**Task goal**
Wherever a line in the records below contains "SUBTRACT", copy that line.

**Data listing**

---

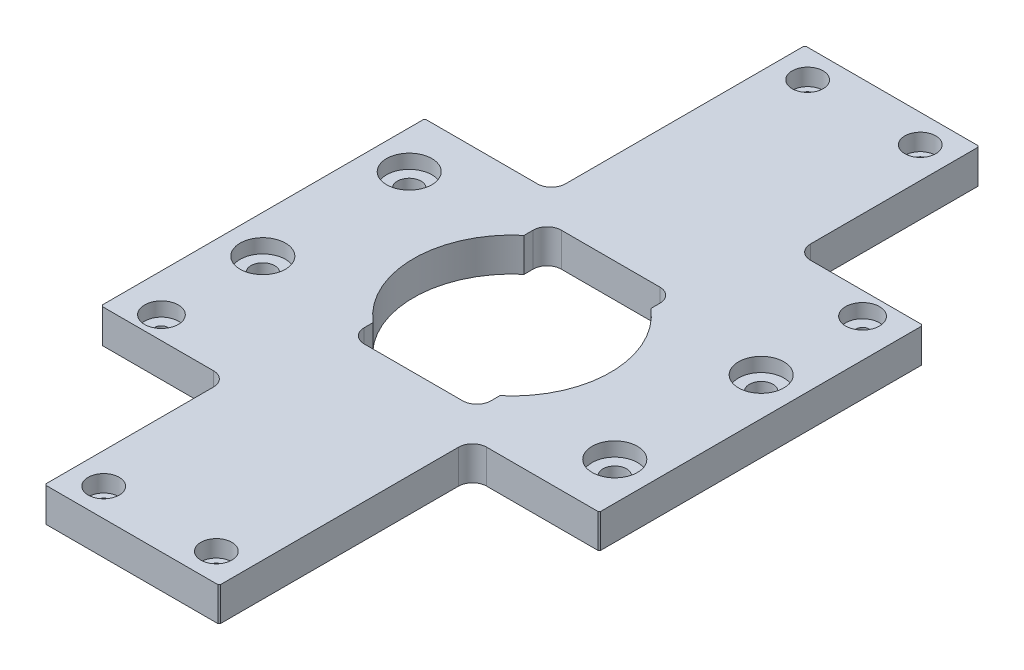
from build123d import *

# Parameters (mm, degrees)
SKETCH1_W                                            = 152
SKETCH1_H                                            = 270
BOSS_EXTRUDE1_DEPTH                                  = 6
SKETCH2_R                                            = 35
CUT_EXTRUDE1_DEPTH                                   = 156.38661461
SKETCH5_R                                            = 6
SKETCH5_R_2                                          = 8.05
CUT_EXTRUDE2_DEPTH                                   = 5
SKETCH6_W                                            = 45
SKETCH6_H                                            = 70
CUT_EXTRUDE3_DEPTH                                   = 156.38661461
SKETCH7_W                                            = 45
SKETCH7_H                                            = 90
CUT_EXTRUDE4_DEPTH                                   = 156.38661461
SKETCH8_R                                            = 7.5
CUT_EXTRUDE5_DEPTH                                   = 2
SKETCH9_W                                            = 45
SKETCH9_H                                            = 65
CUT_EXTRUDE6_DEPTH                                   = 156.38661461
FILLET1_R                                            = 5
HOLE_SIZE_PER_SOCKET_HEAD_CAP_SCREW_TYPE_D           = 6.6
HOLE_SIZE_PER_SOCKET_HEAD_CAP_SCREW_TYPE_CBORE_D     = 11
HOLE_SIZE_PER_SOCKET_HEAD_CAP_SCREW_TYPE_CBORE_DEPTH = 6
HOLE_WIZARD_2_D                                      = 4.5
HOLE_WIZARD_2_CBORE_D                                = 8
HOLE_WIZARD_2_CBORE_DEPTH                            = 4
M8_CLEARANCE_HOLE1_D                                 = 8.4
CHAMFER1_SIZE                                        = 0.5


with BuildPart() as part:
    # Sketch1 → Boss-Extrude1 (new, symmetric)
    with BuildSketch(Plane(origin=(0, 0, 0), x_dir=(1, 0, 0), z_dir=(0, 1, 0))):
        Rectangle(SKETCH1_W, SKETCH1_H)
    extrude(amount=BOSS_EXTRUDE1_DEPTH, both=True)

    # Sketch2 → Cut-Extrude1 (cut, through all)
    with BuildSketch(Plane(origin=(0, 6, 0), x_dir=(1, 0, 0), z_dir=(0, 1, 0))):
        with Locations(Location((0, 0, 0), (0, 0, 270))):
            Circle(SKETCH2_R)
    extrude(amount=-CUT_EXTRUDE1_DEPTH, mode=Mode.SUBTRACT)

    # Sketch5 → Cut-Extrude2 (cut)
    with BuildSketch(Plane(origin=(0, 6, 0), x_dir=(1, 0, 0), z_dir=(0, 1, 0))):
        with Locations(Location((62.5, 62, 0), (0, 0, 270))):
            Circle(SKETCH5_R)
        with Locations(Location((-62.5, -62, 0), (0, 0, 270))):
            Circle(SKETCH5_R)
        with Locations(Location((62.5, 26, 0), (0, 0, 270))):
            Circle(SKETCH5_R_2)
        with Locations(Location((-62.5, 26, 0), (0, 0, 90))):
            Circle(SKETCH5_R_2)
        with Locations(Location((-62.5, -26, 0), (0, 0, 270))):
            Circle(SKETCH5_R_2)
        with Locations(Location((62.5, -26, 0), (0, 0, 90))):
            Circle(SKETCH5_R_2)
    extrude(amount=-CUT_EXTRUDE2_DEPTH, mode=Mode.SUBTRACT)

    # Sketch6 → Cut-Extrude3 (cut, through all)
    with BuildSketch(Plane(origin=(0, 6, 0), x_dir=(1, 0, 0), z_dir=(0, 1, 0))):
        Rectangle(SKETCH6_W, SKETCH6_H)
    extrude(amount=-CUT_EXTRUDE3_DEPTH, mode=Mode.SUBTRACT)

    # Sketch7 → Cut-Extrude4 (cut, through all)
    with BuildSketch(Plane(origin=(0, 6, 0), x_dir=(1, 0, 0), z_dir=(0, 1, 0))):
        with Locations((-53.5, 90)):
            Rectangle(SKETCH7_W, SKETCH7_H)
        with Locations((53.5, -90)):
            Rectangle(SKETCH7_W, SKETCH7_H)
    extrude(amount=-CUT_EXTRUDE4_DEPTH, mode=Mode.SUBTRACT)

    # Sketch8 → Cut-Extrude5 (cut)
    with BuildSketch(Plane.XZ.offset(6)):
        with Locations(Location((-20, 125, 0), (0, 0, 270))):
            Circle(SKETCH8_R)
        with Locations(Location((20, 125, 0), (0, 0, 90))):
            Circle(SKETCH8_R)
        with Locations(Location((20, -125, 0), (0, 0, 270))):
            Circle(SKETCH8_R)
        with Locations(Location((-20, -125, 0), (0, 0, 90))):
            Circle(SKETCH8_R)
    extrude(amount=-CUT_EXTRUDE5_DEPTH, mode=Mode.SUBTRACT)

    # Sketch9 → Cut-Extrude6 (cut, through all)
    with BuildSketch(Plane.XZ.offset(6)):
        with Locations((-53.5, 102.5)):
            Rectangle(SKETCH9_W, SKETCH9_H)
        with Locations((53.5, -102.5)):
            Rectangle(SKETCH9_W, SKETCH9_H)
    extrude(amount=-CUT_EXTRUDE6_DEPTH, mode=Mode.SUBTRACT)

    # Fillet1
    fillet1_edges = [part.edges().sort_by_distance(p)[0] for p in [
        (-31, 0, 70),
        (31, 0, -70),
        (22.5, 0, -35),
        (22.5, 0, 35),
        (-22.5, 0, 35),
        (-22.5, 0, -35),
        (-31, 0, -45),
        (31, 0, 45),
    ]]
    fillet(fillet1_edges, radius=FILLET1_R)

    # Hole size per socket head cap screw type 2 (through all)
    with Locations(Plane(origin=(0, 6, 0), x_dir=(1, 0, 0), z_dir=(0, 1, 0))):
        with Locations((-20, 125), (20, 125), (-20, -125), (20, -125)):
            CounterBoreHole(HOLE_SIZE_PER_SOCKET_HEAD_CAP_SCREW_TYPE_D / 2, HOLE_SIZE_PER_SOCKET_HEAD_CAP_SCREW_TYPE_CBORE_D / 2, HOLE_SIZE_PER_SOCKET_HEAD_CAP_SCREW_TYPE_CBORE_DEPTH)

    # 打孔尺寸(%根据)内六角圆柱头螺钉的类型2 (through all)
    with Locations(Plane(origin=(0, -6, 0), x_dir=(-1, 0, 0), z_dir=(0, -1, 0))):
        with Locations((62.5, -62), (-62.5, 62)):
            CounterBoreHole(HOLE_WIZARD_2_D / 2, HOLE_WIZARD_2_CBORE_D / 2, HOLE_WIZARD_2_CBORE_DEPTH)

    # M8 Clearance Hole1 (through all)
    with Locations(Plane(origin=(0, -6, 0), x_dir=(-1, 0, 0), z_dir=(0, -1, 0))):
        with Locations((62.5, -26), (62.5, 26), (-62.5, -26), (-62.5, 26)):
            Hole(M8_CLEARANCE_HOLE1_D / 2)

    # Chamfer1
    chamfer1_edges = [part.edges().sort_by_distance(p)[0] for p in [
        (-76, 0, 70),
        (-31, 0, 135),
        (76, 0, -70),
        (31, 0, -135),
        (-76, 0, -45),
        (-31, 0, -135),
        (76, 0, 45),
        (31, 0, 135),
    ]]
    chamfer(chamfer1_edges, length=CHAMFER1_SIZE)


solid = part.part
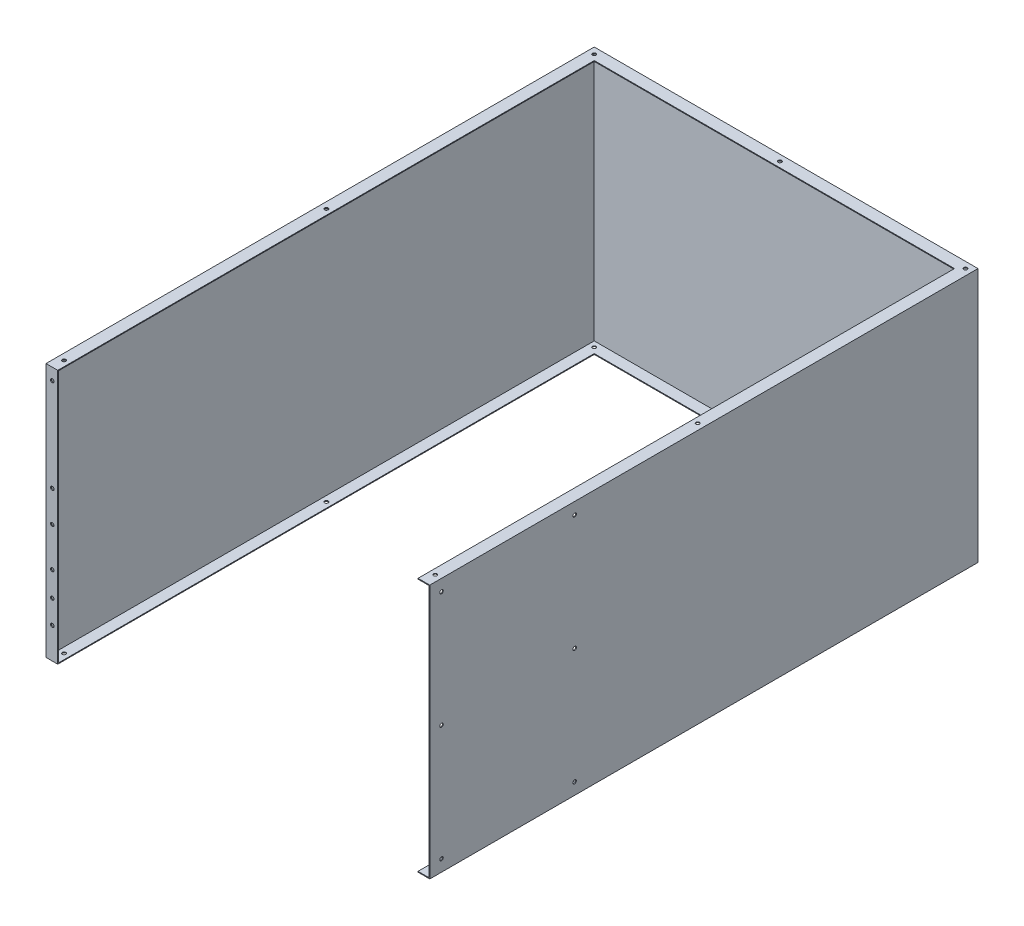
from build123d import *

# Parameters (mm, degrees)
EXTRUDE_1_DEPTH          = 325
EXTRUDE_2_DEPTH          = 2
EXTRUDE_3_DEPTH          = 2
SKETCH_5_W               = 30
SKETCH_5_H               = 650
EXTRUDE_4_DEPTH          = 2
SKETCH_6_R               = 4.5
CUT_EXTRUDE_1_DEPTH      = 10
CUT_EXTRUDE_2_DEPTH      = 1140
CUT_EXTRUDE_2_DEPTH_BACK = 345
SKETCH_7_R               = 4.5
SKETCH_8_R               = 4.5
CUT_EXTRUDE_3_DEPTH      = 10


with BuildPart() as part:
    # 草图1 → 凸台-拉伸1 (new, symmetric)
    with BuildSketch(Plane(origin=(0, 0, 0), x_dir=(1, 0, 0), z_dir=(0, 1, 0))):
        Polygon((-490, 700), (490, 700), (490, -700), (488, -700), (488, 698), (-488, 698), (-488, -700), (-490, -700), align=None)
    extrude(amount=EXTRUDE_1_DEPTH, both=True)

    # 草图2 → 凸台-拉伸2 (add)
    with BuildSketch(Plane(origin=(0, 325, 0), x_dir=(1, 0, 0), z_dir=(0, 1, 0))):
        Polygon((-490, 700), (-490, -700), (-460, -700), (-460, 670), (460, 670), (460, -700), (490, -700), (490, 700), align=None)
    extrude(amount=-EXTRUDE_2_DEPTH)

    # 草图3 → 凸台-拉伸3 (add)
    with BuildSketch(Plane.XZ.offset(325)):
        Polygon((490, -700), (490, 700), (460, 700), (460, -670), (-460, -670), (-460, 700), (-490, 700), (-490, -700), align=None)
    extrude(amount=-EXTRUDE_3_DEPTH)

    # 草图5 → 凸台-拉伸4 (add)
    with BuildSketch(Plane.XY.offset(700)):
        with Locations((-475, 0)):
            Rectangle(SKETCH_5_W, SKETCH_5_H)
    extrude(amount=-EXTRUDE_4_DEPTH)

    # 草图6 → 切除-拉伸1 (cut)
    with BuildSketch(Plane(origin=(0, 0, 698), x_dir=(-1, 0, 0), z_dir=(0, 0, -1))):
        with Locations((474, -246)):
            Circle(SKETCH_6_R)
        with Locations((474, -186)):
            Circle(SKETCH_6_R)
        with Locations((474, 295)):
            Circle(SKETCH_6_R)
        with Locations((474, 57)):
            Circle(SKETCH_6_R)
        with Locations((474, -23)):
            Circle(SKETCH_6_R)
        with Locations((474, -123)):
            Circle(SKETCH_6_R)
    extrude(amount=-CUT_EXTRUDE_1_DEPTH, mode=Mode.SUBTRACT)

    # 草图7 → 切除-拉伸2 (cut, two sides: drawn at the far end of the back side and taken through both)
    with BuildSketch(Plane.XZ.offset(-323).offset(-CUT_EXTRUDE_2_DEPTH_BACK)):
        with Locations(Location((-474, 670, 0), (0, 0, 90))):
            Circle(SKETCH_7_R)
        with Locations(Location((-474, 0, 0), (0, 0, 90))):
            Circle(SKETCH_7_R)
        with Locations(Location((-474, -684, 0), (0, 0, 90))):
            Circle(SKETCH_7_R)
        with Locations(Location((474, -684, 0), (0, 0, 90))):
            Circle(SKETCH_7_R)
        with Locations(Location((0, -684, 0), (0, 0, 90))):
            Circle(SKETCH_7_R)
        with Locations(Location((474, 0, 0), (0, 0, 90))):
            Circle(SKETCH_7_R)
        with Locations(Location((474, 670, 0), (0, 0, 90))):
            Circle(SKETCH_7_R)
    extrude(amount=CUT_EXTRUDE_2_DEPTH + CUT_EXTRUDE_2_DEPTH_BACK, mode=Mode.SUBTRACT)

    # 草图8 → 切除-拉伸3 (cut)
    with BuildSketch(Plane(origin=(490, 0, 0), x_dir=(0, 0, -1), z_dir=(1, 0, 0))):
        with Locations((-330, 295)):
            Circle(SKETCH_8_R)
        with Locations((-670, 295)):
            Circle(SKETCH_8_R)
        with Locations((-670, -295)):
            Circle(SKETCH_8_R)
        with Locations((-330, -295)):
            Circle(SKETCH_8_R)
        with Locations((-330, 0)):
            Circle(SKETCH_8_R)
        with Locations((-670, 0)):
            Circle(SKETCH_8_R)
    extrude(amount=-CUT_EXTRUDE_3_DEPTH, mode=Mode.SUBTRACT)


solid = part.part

---

**Exercise output**
    extrude(amount=-CUT_EXTRUDE1_DEPTH, mode=Mode.SUBTRACT)
    extrude(amount=-CUT_EXTRUDE2_DEPTH, mode=Mode.SUBTRACT)
    extrude(amount=-CUT_EXTRUDE3_DEPTH, mode=Mode.SUBTRACT)
    extrude(amount=-CUT_EXTRUDE4_DEPTH, mode=Mode.SUBTRACT)
    extrude(amount=-CUT_EXTRUDE5_DEPTH, mode=Mode.SUBTRACT)
    extrude(amount=-CUT_EXTRUDE6_DEPTH, mode=Mode.SUBTRACT)
    extrude(amount=-CUT_EXTRUDE_1_DEPTH, mode=Mode.SUBTRACT)
    extrude(amount=CUT_EXTRUDE_2_DEPTH + CUT_EXTRUDE_2_DEPTH_BACK, mode=Mode.SUBTRACT)
    extrude(amount=-CUT_EXTRUDE_3_DEPTH, mode=Mode.SUBTRACT)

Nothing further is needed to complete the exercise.